[[ LISTED RECORDS open ]]

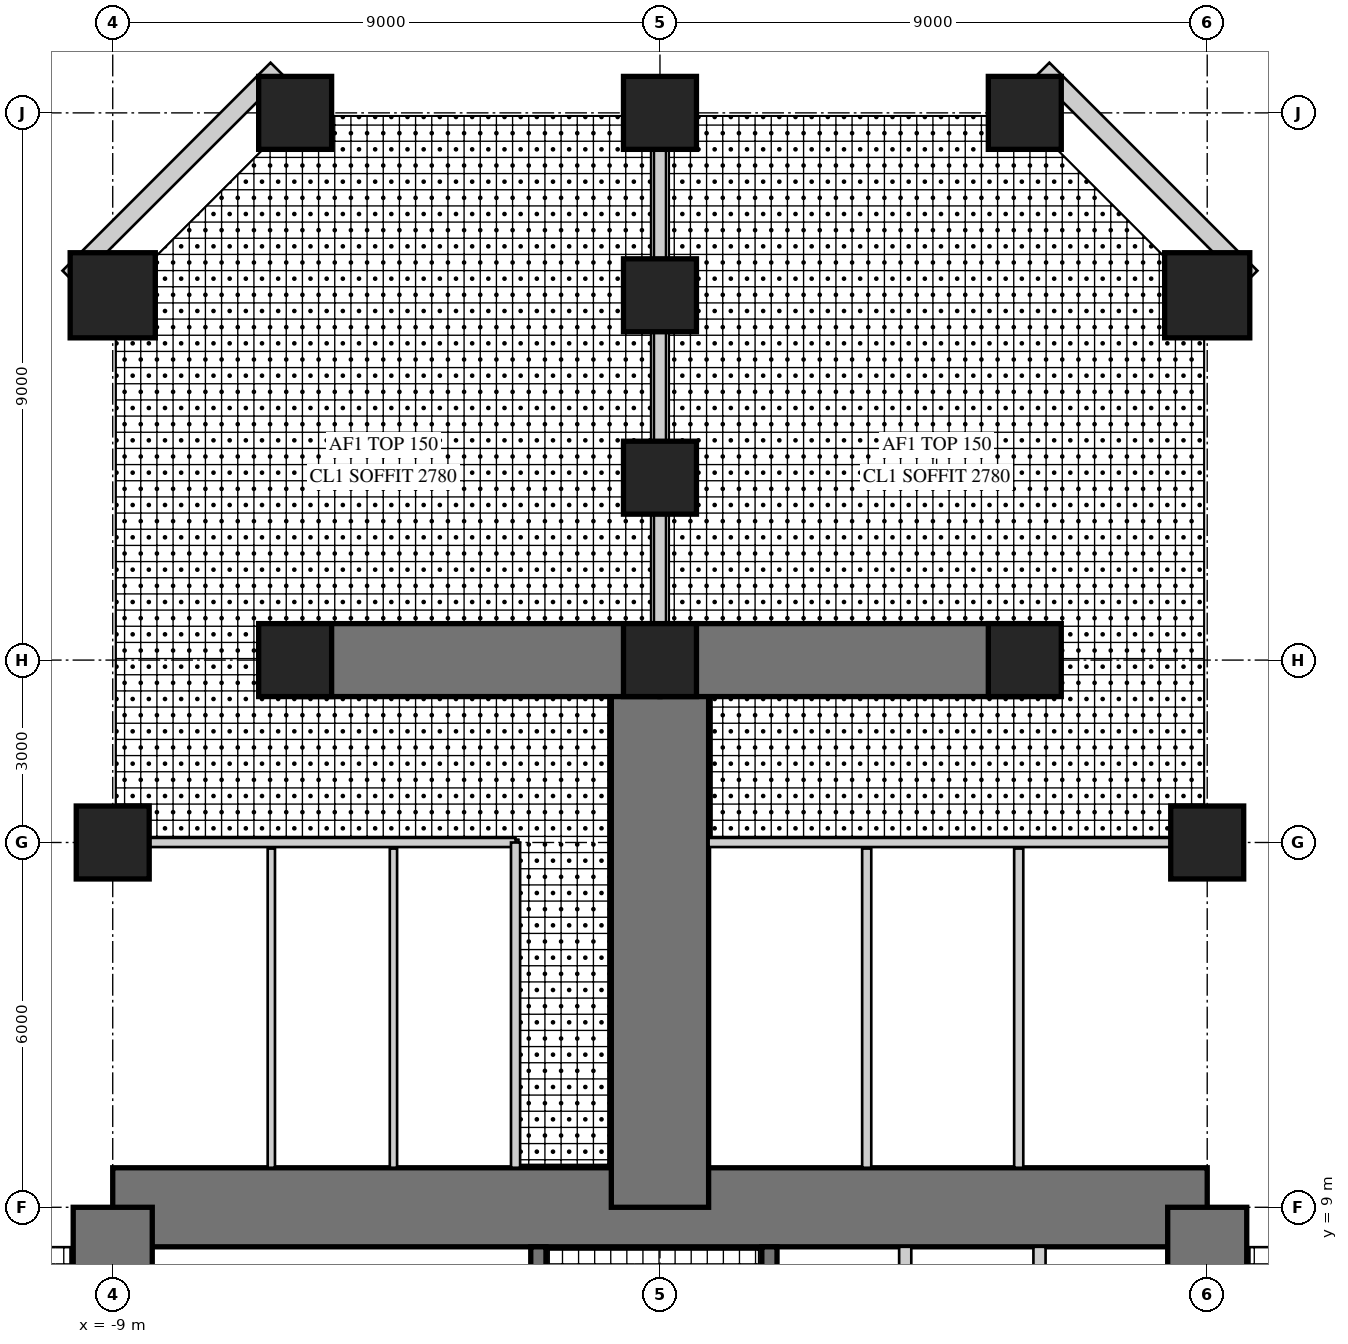
"""IFC4 building model, lengths in metres.
Left out: names, types, materials, properties, quantities, classifications, styles, units other than length and angle.
Written with IfcOpenShell. Run it as: python <this file> out.ifc"""

import sys

from ifc_helpers import new_model, si_unit, direction, frame, frame_2d, origin, origin_2d, place, context, subcontext, project, spatial, rectangle, hollow_rectangle, extrude, element, fill, save


model = new_model("IFC4")
c1 = context("Model", 3, precision=1e-05, world=origin(), true_north=direction((0.0, 1.0)))
c2 = subcontext(c1, "Body", "Model", "MODEL_VIEW")
j1 = project(units=[si_unit("LENGTHUNIT", "METRE"), si_unit("PLANEANGLEUNIT", "RADIAN")], contexts=[c1])
p1 = place(None, origin())
s1 = spatial("IfcSite", under=j1, at=p1, CompositionType="ELEMENT")
p2 = place(p1, origin())
s2 = spatial("IfcBuilding", under=s1, at=p2, CompositionType="ELEMENT")
p3 = place(p2, frame((0.0, 0.0, 79.5)))
s3 = spatial("IfcBuildingStorey", under=s2, at=p3, CompositionType="ELEMENT", Elevation=79.5)
p4 = place(p3, frame((9.0, 9.0, 0.0), z_axis=(0.0, 0.0, 1.0), x_axis=(-1.0, 0.0, 0.0)))
e1 = element("IfcWall", 1, at=p4, inside=s3, PredefinedType="SHEAR", context=c2, shape_type="SweptSolid", body=[
    extrude(rectangle(XDim=18.0, YDim=1.3, at=frame_2d((9.0, 0.0))), origin(), (0.0, 0.0, 1.0), 4.0),
])
p5 = place(p4, frame((9.8, 0.0, 0.0)))
e2 = element("IfcOpeningElement", 2, at=p5, cuts=e1, PredefinedType="OPENING", context=c2, shape_type="SweptSolid", body=[
    extrude(rectangle(XDim=1.0, YDim=2.4, at=frame_2d((0.5, 1.2))), frame((0.0, 0.66, 0.0), z_axis=(0.0, -1.0, 0.0), x_axis=(1.0, 0.0, 0.0)), (0.0, 0.0, 1.0), 1.32),
])
p6 = place(p3, frame((9.0, -9.0, 0.0), z_axis=(0.0, 0.0, 1.0), x_axis=(0.0, 1.0, 0.0)))
e3 = element("IfcWall", 3, at=p6, inside=s3, PredefinedType="SHEAR", context=c2, shape_type="SweptSolid", body=[
    extrude(rectangle(XDim=18.0, YDim=1.3, at=frame_2d((9.0, 0.0))), origin(), (0.0, 0.0, 1.0), 4.0),
])
p7 = place(p6, frame((9.8, 0.0, 0.0)))
e4 = element("IfcOpeningElement", 4, at=p7, cuts=e3, PredefinedType="OPENING", context=c2, shape_type="SweptSolid", body=[
    extrude(rectangle(XDim=1.0, YDim=2.4, at=frame_2d((0.5, 1.2))), frame((0.0, 0.66, 0.0), z_axis=(0.0, -1.0, 0.0), x_axis=(1.0, 0.0, 0.0)), (0.0, 0.0, 1.0), 1.32),
])
p8 = place(p3, frame((-9.0, 9.0, 0.0), z_axis=(0.0, 0.0, 1.0), x_axis=(0.0, -1.0, 0.0)))
e5 = element("IfcWall", 5, at=p8, inside=s3, PredefinedType="SHEAR", context=c2, shape_type="SweptSolid", body=[
    extrude(rectangle(XDim=18.0, YDim=1.3, at=frame_2d((9.0, 0.0))), origin(), (0.0, 0.0, 1.0), 4.0),
])
p9 = place(p8, frame((9.8, 0.0, 0.0)))
e6 = element("IfcOpeningElement", 6, at=p9, cuts=e5, PredefinedType="OPENING", context=c2, shape_type="SweptSolid", body=[
    extrude(rectangle(XDim=1.0, YDim=2.4, at=frame_2d((0.5, 1.2))), frame((0.0, 0.66, 0.0), z_axis=(0.0, -1.0, 0.0), x_axis=(1.0, 0.0, 0.0)), (0.0, 0.0, 1.0), 1.32),
])
p10 = place(p3, frame((1.8, 1.875, 0.0), z_axis=(0.0, 0.0, 1.0), x_axis=(0.0, 1.0, 0.0)))
e7 = element("IfcWall", 7, at=p10, inside=s3, PredefinedType="SHEAR", context=c2, shape_type="SweptSolid", body=[
    extrude(rectangle(XDim=6.475, YDim=0.25, at=frame_2d((3.238, 0.0))), origin(), (0.0, 0.0, 1.0), 4.0),
])
p11 = place(p10, frame((1.875, 0.0, 0.0)))
e8 = element("IfcOpeningElement", 8, at=p11, cuts=e7, PredefinedType="OPENING", context=c2, shape_type="SweptSolid", body=[
    extrude(rectangle(XDim=1.6, YDim=2.4, at=frame_2d((0.8, 1.2))), frame((0.0, 0.135, 0.0), z_axis=(0.0, -1.0, 0.0), x_axis=(1.0, 0.0, 0.0)), (0.0, 0.0, 1.0), 0.27),
])
for number, where, z_axis, x_axis in (
    (9, (4.033, 5.975, 0.0), (0.0, 0.0, 1.0), (0.0, 1.0, 0.0)),
    (10, (6.242, 5.975, 0.0), (0.0, 0.0, 1.0), (0.0, 1.0, 0.0)),
):
    element("IfcWall", number, at=place(p3, frame(where, z_axis=z_axis, x_axis=x_axis)), inside=s3, PredefinedType="PARTITIONING", context=c2, shape_type="SweptSolid", body=[
        extrude(rectangle(XDim=2.375, YDim=0.2, at=frame_2d((1.188, 0.0))), origin(), (0.0, 0.0, 1.0), 4.0),
    ])
p12 = place(p3, frame((-2.0, 1.675, 0.0), z_axis=(0.0, 0.0, 1.0), x_axis=(0.0, 1.0, 0.0)))
e11 = element("IfcWall", 11, at=p12, inside=s3, PredefinedType="SHEAR", context=c2, shape_type="SweptSolid", body=[
    extrude(rectangle(XDim=6.675, YDim=0.25, at=frame_2d((3.337, 0.0))), origin(), (0.0, 0.0, 1.0), 4.0),
])
p13 = place(p12, frame((0.725, 0.0, 0.0)))
e12 = element("IfcOpeningElement", 12, at=p13, cuts=e11, PredefinedType="OPENING", context=c2, shape_type="SweptSolid", body=[
    extrude(rectangle(XDim=1.0, YDim=2.1, at=frame_2d((0.5, 1.05))), frame((0.0, 0.135, 0.0), z_axis=(0.0, -1.0, 0.0), x_axis=(1.0, 0.0, 0.0)), (0.0, 0.0, 1.0), 0.27),
])
p14 = place(p3, frame((0.0, 9.0, 0.0), z_axis=(0.0, 0.0, 1.0), x_axis=(0.0, 1.0, 0.0)))
e13 = element("IfcWall", 13, at=p14, inside=s3, PredefinedType="SHEAR", context=c2, shape_type="SweptSolid", body=[
    extrude(rectangle(XDim=9.0, YDim=1.6, at=frame_2d((4.5, 0.0))), origin(), (0.0, 0.0, 1.0), 4.0),
])
for number, where, z_axis, x_axis in (
    (14, (0.0, 18.0, 0.0), (0.0, 0.0, 1.0), (-1.0, 0.0, 0.0)),
    (15, (0.0, 18.0, 0.0), (0.0, 0.0, 1.0), (1.0, 0.0, 0.0)),
):
    element("IfcWall", number, at=place(p3, frame(where, z_axis=z_axis, x_axis=x_axis)), inside=s3, PredefinedType="SHEAR", context=c2, shape_type="SweptSolid", body=[
        extrude(rectangle(XDim=6.0, YDim=1.2, at=frame_2d((3.0, 0.0))), origin(), (0.0, 0.0, 1.0), 4.0),
    ])
p15 = place(p3, frame((9.0, 15.0, 0.0), z_axis=(0.0, 0.0, 1.0), x_axis=(1.0, 0.0, 0.0)))
e16 = element("IfcColumn", 16, at=p15, inside=s3, PredefinedType="COLUMN", context=c2, shape_type="SweptSolid", body=[
    extrude(rectangle(XDim=1.2, YDim=1.2, at=origin_2d()), origin(), (0.0, 0.0, 1.0), 4.0),
])
p16 = place(p3, frame((9.0, 24.0, 0.0), z_axis=(0.0, 0.0, 1.0), x_axis=(1.0, 0.0, 0.0)))
e17 = element("IfcColumn", 17, at=p16, inside=s3, PredefinedType="COLUMN", context=c2, shape_type="SweptSolid", body=[
    extrude(rectangle(XDim=1.4, YDim=1.4, at=origin_2d()), origin(), (0.0, 0.0, 1.0), 4.0),
])
p17 = place(p3, frame((-9.0, 15.0, 0.0), z_axis=(0.0, 0.0, 1.0), x_axis=(1.0, 0.0, 0.0)))
e18 = element("IfcColumn", 18, at=p17, inside=s3, PredefinedType="COLUMN", context=c2, shape_type="SweptSolid", body=[
    extrude(rectangle(XDim=1.2, YDim=1.2, at=origin_2d()), origin(), (0.0, 0.0, 1.0), 4.0),
])
p18 = place(p3, frame((-9.0, 24.0, 0.0), z_axis=(0.0, 0.0, 1.0), x_axis=(1.0, 0.0, 0.0)))
e19 = element("IfcColumn", 19, at=p18, inside=s3, PredefinedType="COLUMN", context=c2, shape_type="SweptSolid", body=[
    extrude(rectangle(XDim=1.4, YDim=1.4, at=origin_2d()), origin(), (0.0, 0.0, 1.0), 4.0),
])
for number, where, z_axis, x_axis in (
    (20, (6.0, 27.0, 0.0), (0.0, 0.0, 1.0), (1.0, 0.0, 0.0)),
    (21, (0.0, 27.0, 0.0), (0.0, 0.0, 1.0), (1.0, 0.0, 0.0)),
    (22, (-6.0, 27.0, 0.0), (0.0, 0.0, 1.0), (1.0, 0.0, 0.0)),
    (23, (6.0, 18.0, 0.0), (0.0, 0.0, 1.0), (1.0, 0.0, 0.0)),
    (24, (0.0, 18.0, 0.0), (0.0, 0.0, 1.0), (1.0, 0.0, 0.0)),
    (25, (-6.0, 18.0, 0.0), (0.0, 0.0, 1.0), (1.0, 0.0, 0.0)),
    (26, (0.0, 21.0, 0.0), (0.0, 0.0, 1.0), (1.0, 0.0, 0.0)),
    (27, (0.0, 24.0, 0.0), (0.0, 0.0, 1.0), (1.0, 0.0, 0.0)),
):
    element("IfcColumn", number, at=place(p3, frame(where, z_axis=z_axis, x_axis=x_axis)), inside=s3, PredefinedType="COLUMN", context=c2, shape_type="SweptSolid", body=[
        extrude(rectangle(XDim=1.2, YDim=1.2, at=origin_2d()), origin(), (0.0, 0.0, 1.0), 4.0),
    ])
p19 = place(p3, frame((9.72, 24.298, 0.0), z_axis=(0.0, 0.0, 1.0), x_axis=(-0.707106781187, 0.707106781187, 0.0)))
e28 = element("IfcWall", 28, at=p19, inside=s3, PredefinedType="SOLIDWALL", context=c2, shape_type="SweptSolid", body=[
    extrude(rectangle(XDim=4.839, YDim=0.3, at=frame_2d((2.419, 0.0))), origin(), (0.0, 0.0, 1.0), 3.8),
])
p20 = place(p19, frame((1.969, 0.0, 0.3)))
e29 = element("IfcOpeningElement", 29, at=p20, cuts=e28, PredefinedType="OPENING", context=c2, shape_type="SweptSolid", body=[
    extrude(rectangle(XDim=0.9, YDim=2.4, at=frame_2d((0.45, 1.2))), frame((0.0, 0.16, 0.0), z_axis=(0.0, -1.0, 0.0), x_axis=(1.0, 0.0, 0.0)), (0.0, 0.0, 1.0), 0.32),
])
p21 = place(p3, frame((-6.298, 27.72, 0.0), z_axis=(0.0, 0.0, 1.0), x_axis=(-0.707106781187, -0.707106781187, 0.0)))
e30 = element("IfcWall", 30, at=p21, inside=s3, PredefinedType="SOLIDWALL", context=c2, shape_type="SweptSolid", body=[
    extrude(rectangle(XDim=4.839, YDim=0.3, at=frame_2d((2.419, 0.0))), origin(), (0.0, 0.0, 1.0), 3.8),
])
p22 = place(p21, frame((1.969, 0.0, 0.3)))
e31 = element("IfcOpeningElement", 31, at=p22, cuts=e30, PredefinedType="OPENING", context=c2, shape_type="SweptSolid", body=[
    extrude(rectangle(XDim=0.9, YDim=2.4, at=frame_2d((0.45, 1.2))), frame((0.0, 0.16, 0.0), z_axis=(0.0, -1.0, 0.0), x_axis=(1.0, 0.0, 0.0)), (0.0, 0.0, 1.0), 0.32),
])
p23 = place(p3, frame((-2.375, 15.0, 0.0), z_axis=(0.0, 0.0, 1.0), x_axis=(-1.0, 0.0, 0.0)))
e32 = element("IfcWall", 32, at=p23, inside=s3, PredefinedType="PARTITIONING", context=c2, shape_type="SweptSolid", body=[
    extrude(rectangle(XDim=6.025, YDim=0.15, at=frame_2d((3.012, 0.0))), origin(), (0.0, 0.0, 1.0), 2.95),
])
p24 = place(p23, frame((0.504, 0.0, 0.0)))
e33 = element("IfcOpeningElement", 33, at=p24, cuts=e32, PredefinedType="OPENING", context=c2, shape_type="SweptSolid", body=[
    extrude(rectangle(XDim=1.0, YDim=2.1, at=frame_2d((0.5, 1.05))), frame((0.0, 0.085, 0.0), z_axis=(0.0, -1.0, 0.0), x_axis=(1.0, 0.0, 0.0)), (0.0, 0.0, 1.0), 0.17),
])
p25 = place(p23, frame((2.512, 0.0, 0.0)))
e34 = element("IfcOpeningElement", 34, at=p25, cuts=e32, PredefinedType="OPENING", context=c2, shape_type="SweptSolid", body=[
    extrude(rectangle(XDim=1.0, YDim=2.1, at=frame_2d((0.5, 1.05))), frame((0.0, 0.085, 0.0), z_axis=(0.0, -1.0, 0.0), x_axis=(1.0, 0.0, 0.0)), (0.0, 0.0, 1.0), 0.17),
])
p26 = place(p23, frame((4.521, 0.0, 0.0)))
e35 = element("IfcOpeningElement", 35, at=p26, cuts=e32, PredefinedType="OPENING", context=c2, shape_type="SweptSolid", body=[
    extrude(rectangle(XDim=1.0, YDim=2.1, at=frame_2d((0.5, 1.05))), frame((0.0, 0.085, 0.0), z_axis=(0.0, -1.0, 0.0), x_axis=(1.0, 0.0, 0.0)), (0.0, 0.0, 1.0), 0.17),
])
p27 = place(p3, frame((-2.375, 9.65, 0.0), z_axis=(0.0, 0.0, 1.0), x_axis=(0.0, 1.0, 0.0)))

[[ LISTED RECORDS closed ]]

PROBLEM TO WORK ON:
Respond with a number only, the count of lines in the entries where the string "units" occurs.

WRITTEN RESPONSE:
2